TASK ->
Retype only what runs from the beginning of the data through the line with "blk = doc.blocks.new('A$C200C7901')"; please omit the pictures and keep every line exact.

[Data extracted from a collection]
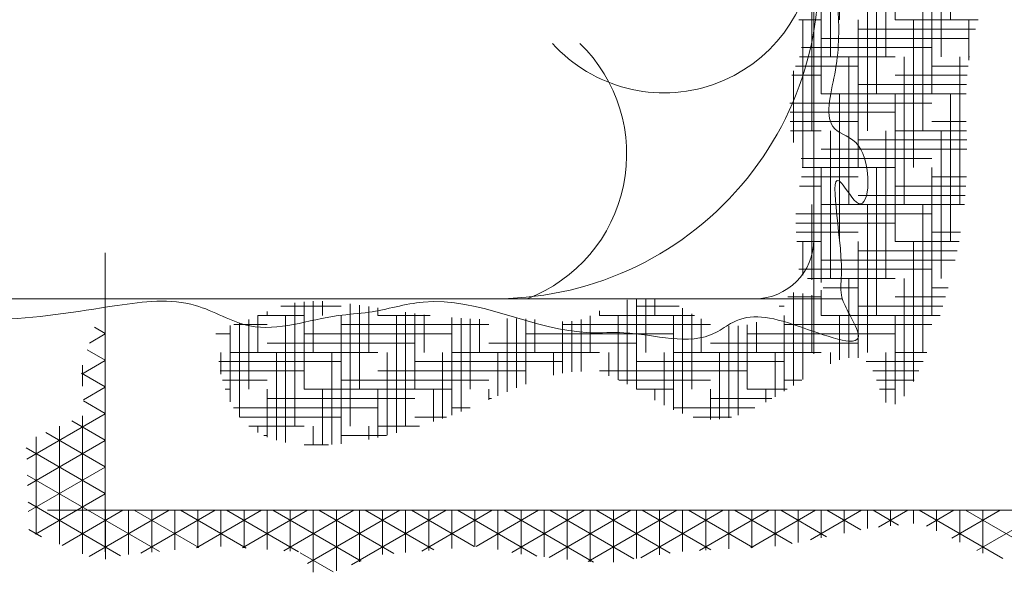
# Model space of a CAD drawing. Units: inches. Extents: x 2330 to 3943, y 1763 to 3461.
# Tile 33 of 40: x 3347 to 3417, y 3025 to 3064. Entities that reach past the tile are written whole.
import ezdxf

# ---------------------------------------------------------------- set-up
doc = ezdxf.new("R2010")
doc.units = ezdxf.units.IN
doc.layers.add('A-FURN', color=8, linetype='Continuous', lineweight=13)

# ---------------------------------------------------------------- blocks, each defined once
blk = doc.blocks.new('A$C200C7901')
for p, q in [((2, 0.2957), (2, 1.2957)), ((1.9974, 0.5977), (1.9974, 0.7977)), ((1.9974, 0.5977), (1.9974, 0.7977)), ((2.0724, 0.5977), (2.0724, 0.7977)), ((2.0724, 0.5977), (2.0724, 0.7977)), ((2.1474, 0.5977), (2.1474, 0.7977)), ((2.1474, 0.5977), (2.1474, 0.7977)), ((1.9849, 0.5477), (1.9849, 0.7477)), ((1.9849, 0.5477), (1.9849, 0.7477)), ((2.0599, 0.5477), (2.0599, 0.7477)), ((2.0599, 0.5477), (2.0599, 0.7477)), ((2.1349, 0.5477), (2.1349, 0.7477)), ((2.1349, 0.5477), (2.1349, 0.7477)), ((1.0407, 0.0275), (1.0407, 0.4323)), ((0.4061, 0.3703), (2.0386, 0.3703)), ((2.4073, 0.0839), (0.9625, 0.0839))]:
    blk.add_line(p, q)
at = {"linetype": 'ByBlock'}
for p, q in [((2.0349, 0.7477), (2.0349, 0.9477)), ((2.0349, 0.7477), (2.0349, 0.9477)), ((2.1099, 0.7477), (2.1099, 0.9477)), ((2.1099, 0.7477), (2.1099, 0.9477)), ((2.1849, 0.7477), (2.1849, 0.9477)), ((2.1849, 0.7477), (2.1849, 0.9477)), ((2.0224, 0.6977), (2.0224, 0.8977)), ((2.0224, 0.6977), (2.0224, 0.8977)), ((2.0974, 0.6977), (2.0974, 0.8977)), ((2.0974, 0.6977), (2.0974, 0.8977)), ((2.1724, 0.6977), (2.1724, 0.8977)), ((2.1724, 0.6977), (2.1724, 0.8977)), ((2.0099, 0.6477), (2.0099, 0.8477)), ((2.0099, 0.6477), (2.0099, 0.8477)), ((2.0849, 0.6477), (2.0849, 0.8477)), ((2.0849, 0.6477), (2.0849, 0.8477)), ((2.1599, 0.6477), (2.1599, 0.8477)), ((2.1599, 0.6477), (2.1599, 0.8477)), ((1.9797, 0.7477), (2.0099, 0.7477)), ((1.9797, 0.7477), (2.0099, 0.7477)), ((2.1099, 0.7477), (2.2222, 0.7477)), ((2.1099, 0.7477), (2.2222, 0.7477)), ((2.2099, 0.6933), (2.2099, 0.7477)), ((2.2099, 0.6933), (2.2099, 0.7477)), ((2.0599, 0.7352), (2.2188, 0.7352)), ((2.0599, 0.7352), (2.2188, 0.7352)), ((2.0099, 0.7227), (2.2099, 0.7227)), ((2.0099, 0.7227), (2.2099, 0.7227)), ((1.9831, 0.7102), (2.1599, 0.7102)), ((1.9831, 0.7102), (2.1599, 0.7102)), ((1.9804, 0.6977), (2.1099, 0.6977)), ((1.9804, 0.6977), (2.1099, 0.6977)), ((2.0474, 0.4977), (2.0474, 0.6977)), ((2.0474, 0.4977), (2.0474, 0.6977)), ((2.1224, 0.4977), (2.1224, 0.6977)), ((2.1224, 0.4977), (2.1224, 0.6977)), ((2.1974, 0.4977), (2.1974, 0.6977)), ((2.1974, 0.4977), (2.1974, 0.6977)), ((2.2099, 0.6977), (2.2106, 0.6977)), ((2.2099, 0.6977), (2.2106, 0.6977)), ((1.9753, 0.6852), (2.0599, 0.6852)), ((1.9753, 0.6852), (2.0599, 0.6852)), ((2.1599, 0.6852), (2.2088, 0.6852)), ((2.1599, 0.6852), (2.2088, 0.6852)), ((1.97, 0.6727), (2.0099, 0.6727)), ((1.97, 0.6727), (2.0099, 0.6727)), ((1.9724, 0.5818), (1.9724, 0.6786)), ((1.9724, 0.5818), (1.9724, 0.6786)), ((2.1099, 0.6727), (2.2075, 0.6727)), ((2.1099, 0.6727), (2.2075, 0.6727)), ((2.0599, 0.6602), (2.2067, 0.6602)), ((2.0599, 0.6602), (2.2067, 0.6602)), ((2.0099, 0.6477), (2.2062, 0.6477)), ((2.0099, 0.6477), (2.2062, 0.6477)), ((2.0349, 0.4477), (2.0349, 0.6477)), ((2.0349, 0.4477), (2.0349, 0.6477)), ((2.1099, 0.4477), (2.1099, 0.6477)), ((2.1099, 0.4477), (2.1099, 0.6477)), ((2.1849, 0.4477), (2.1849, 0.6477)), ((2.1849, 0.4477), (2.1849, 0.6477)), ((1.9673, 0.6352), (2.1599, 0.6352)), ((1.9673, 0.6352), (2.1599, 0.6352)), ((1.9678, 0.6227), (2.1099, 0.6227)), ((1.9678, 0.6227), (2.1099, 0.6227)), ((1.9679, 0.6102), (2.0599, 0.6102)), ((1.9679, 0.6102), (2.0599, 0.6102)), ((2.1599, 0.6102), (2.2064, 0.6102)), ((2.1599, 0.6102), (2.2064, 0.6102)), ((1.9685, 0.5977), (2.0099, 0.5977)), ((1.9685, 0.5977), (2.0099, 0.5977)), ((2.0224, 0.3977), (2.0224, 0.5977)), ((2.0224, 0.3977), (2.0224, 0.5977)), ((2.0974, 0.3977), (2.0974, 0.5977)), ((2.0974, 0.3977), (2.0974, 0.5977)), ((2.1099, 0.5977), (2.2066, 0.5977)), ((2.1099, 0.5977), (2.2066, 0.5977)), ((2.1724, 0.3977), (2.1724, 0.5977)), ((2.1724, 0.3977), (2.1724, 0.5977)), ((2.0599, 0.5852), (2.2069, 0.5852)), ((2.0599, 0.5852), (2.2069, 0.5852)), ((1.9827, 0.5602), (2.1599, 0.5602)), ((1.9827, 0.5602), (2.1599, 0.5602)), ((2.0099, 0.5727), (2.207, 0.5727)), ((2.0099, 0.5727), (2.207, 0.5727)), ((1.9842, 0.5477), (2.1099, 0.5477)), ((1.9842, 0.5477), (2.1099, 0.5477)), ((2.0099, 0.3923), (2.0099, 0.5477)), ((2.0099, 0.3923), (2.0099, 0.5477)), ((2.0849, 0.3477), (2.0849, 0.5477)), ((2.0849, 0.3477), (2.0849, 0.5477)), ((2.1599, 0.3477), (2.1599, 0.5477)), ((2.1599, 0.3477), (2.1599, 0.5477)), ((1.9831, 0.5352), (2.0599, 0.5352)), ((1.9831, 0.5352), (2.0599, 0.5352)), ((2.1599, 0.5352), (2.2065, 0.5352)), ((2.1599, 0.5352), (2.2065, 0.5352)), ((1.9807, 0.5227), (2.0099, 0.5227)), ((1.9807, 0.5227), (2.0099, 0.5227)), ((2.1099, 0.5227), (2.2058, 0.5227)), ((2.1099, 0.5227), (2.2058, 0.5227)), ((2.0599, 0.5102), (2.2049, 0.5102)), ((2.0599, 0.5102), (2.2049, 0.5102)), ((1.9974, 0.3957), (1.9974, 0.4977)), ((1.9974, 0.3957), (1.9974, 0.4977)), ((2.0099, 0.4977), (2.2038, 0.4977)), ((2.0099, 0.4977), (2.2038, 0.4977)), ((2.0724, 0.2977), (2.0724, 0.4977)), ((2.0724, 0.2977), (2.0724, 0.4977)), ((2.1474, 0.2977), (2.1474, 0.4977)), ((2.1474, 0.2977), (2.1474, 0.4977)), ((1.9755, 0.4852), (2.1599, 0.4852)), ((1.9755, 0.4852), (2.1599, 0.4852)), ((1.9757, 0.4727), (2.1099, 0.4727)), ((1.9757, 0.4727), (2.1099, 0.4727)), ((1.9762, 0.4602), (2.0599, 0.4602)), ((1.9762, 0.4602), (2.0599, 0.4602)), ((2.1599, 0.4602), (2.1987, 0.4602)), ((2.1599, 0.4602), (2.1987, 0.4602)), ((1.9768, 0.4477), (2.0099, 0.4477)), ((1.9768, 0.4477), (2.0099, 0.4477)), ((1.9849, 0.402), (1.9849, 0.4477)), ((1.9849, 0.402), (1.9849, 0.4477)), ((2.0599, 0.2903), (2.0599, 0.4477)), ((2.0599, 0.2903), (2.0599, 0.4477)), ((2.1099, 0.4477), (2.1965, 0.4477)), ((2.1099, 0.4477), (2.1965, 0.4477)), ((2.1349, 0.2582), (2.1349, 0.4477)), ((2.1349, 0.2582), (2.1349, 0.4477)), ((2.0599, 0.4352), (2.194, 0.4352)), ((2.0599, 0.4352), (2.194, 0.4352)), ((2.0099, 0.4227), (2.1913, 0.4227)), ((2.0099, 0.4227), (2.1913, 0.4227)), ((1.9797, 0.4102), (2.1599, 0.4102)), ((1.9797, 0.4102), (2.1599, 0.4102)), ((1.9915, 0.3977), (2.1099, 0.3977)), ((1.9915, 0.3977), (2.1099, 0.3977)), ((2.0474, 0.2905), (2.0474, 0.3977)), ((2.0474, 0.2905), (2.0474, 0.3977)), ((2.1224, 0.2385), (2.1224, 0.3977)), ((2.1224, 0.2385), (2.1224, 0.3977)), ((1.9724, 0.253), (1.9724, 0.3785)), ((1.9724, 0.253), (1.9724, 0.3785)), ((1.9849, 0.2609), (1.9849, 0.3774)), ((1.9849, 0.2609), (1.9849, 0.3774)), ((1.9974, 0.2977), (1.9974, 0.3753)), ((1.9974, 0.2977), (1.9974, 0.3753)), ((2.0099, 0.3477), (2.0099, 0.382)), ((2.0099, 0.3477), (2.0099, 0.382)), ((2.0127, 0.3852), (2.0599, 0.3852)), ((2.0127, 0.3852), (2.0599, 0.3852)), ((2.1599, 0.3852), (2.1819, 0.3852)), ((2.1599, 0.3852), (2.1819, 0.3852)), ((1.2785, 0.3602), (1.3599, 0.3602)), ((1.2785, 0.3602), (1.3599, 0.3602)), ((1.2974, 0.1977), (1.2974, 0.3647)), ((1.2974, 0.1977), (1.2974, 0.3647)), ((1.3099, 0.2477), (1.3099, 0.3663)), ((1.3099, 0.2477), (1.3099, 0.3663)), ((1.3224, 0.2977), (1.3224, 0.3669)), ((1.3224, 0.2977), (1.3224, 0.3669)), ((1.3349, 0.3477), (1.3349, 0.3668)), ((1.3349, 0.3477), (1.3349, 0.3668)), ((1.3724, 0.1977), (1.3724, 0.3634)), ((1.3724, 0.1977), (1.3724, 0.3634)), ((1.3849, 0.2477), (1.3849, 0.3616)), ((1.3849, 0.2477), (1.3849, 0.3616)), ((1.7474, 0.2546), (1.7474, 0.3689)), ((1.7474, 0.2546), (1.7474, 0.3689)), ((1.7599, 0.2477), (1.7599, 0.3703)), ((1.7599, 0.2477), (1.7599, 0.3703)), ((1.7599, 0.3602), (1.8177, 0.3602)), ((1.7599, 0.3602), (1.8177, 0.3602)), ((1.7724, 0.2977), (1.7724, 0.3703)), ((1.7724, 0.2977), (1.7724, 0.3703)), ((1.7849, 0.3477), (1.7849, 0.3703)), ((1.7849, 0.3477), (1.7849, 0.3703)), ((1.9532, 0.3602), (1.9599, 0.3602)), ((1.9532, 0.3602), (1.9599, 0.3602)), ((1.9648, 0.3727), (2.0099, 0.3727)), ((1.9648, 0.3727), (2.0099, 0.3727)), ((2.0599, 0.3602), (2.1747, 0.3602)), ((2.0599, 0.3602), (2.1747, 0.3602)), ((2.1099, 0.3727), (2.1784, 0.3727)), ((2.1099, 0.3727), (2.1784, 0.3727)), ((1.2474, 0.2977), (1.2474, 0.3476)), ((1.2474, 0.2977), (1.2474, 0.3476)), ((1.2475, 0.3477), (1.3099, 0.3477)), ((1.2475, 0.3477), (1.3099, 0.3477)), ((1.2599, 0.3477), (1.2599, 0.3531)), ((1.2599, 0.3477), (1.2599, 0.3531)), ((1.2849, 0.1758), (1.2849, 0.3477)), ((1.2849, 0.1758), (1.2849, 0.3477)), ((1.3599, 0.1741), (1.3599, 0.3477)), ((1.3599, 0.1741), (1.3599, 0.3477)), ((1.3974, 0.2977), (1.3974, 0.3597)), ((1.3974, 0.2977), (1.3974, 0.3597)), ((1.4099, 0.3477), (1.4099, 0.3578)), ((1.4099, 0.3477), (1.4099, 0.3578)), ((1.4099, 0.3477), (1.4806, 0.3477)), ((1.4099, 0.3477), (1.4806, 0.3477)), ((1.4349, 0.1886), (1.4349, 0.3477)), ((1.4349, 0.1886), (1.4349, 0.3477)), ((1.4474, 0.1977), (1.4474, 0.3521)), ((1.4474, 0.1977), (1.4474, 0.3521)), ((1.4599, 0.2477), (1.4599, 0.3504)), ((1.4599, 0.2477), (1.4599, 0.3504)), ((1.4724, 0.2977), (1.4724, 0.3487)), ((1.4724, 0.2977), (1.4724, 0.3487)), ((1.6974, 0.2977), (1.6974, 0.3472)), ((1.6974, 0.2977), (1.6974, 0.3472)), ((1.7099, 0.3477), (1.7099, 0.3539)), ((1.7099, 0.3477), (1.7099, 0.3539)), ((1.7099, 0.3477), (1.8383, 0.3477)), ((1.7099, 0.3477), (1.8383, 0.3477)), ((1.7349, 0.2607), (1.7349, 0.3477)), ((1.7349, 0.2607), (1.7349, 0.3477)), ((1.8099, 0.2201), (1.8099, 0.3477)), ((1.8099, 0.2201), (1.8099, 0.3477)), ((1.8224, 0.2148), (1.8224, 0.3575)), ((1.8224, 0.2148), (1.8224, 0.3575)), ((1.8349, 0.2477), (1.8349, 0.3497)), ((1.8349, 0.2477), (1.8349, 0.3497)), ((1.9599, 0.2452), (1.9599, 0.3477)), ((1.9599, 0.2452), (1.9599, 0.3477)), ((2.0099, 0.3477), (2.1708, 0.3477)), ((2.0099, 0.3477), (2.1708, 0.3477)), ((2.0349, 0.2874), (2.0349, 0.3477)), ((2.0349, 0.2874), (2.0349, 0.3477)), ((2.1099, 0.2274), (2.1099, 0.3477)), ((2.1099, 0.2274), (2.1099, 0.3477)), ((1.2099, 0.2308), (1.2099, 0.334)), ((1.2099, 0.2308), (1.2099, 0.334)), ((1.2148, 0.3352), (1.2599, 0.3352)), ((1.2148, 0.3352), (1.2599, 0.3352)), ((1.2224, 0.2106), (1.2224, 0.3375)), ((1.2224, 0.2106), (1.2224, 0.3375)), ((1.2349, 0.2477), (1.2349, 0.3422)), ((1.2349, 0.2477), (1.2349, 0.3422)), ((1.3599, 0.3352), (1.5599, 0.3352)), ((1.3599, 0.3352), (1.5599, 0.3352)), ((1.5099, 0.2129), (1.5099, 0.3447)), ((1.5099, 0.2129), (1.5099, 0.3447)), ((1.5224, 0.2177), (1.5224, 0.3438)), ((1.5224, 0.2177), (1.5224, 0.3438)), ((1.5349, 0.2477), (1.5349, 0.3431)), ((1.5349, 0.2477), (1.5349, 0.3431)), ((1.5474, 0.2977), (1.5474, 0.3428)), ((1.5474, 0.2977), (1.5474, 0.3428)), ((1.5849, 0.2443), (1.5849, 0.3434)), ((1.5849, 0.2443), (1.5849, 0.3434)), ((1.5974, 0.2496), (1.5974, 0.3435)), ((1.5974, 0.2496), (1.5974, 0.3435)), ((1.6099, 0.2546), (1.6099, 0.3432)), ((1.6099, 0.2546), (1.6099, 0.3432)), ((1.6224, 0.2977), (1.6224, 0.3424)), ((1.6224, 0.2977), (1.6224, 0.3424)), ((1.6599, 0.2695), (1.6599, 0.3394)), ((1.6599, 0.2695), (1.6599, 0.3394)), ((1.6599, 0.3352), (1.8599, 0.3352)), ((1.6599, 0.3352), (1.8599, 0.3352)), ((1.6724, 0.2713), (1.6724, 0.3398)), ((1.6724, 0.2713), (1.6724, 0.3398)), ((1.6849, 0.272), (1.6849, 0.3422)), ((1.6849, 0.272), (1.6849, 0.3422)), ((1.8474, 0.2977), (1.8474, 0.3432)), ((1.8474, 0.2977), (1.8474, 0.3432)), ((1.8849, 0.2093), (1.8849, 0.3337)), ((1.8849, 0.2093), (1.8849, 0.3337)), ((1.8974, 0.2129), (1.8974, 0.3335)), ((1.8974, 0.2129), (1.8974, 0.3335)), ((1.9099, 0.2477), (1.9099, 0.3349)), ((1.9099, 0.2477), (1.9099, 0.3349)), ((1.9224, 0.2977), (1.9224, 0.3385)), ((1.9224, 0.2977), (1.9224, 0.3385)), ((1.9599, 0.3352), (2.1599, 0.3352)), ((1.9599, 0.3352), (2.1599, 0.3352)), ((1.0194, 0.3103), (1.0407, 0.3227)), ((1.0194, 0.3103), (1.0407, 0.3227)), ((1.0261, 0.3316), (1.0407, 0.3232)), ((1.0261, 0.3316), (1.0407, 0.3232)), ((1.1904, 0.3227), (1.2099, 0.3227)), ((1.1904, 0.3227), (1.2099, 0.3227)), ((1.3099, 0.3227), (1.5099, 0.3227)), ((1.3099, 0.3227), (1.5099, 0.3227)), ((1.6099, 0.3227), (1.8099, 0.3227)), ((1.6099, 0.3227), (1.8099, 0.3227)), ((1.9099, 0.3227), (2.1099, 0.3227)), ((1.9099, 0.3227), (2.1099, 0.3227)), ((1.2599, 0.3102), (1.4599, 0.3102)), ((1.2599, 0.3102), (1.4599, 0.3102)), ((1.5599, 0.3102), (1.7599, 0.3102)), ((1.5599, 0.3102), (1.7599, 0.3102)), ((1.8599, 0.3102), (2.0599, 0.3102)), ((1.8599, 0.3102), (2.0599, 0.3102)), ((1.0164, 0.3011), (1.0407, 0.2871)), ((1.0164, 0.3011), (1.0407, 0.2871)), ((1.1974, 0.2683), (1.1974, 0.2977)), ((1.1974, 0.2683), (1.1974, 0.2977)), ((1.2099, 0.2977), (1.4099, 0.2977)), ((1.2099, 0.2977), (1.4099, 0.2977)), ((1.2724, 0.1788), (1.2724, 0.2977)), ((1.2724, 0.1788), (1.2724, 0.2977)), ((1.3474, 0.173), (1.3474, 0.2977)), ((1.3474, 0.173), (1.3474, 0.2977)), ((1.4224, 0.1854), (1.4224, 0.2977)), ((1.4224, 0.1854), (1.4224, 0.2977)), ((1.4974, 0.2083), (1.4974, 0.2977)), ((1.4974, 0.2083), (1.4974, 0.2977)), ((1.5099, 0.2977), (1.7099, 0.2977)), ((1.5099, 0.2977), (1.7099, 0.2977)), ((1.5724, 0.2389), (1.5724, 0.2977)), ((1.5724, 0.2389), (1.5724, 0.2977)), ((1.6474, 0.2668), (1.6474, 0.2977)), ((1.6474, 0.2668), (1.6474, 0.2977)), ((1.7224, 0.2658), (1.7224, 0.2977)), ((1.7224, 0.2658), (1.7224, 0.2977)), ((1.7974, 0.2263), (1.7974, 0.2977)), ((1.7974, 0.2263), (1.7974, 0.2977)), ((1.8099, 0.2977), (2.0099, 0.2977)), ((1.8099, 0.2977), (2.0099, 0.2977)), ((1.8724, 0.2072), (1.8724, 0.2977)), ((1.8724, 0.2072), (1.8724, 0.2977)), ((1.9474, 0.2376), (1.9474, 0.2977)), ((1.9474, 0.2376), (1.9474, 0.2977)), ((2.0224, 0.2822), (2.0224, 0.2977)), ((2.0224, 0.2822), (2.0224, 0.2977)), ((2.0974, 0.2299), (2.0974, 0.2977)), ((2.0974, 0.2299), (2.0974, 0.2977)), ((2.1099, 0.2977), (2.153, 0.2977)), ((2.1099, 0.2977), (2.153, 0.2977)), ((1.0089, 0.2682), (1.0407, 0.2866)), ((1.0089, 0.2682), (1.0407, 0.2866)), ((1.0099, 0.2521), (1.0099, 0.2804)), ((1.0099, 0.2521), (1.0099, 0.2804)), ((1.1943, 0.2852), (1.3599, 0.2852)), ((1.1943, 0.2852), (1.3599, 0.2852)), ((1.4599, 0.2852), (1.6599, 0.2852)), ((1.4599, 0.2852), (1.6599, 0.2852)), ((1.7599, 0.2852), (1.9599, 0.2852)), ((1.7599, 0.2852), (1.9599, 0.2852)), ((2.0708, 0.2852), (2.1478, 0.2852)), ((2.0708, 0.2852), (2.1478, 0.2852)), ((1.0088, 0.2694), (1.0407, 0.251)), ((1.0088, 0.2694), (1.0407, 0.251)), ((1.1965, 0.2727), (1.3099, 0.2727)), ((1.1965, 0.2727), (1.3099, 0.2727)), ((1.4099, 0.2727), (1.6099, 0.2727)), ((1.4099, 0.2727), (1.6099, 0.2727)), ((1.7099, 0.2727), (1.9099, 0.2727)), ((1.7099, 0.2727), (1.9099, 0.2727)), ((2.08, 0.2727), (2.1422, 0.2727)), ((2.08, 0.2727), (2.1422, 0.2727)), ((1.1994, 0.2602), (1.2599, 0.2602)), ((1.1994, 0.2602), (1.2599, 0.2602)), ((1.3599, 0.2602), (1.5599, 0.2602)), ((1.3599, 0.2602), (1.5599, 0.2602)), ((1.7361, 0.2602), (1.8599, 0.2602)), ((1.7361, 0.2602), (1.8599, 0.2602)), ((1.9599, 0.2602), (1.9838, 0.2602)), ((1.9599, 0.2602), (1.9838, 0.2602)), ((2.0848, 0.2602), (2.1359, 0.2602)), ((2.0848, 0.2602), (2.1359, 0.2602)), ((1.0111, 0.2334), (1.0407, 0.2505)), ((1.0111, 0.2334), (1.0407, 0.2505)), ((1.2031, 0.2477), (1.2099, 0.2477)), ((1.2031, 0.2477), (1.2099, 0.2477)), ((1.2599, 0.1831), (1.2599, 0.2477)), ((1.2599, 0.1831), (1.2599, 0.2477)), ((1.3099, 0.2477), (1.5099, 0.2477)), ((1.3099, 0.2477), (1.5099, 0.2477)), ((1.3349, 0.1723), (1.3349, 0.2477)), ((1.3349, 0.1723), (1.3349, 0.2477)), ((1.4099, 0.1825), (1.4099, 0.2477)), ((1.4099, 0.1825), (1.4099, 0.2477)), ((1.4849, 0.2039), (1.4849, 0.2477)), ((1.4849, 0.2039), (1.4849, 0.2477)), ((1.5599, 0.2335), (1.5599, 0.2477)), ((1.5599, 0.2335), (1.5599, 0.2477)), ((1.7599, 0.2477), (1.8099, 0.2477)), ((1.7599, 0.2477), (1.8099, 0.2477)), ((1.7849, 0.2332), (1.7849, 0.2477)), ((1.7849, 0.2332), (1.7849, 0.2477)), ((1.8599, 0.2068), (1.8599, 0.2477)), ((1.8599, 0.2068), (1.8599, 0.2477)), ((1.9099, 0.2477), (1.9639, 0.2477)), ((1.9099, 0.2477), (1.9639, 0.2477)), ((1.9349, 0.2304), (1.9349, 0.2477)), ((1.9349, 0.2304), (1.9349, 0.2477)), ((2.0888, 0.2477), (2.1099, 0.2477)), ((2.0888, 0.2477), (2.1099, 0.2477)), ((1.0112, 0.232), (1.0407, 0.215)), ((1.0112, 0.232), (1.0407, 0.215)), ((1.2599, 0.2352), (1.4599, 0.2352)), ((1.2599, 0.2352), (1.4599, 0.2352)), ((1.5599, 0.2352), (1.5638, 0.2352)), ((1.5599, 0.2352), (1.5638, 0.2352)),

TASK RESULT ->
# Model space of a CAD drawing. Units: inches. Extents: x 2330 to 3943, y 1763 to 3461.
# Tile 33 of 40: x 3347 to 3417, y 3025 to 3064. Entities that reach past the tile are written whole.
import ezdxf

# ---------------------------------------------------------------- set-up
doc = ezdxf.new("R2010")
doc.units = ezdxf.units.IN
doc.layers.add('A-FURN', color=8, linetype='Continuous', lineweight=13)

# ---------------------------------------------------------------- blocks, each defined once
blk = doc.blocks.new('A$C200C7901')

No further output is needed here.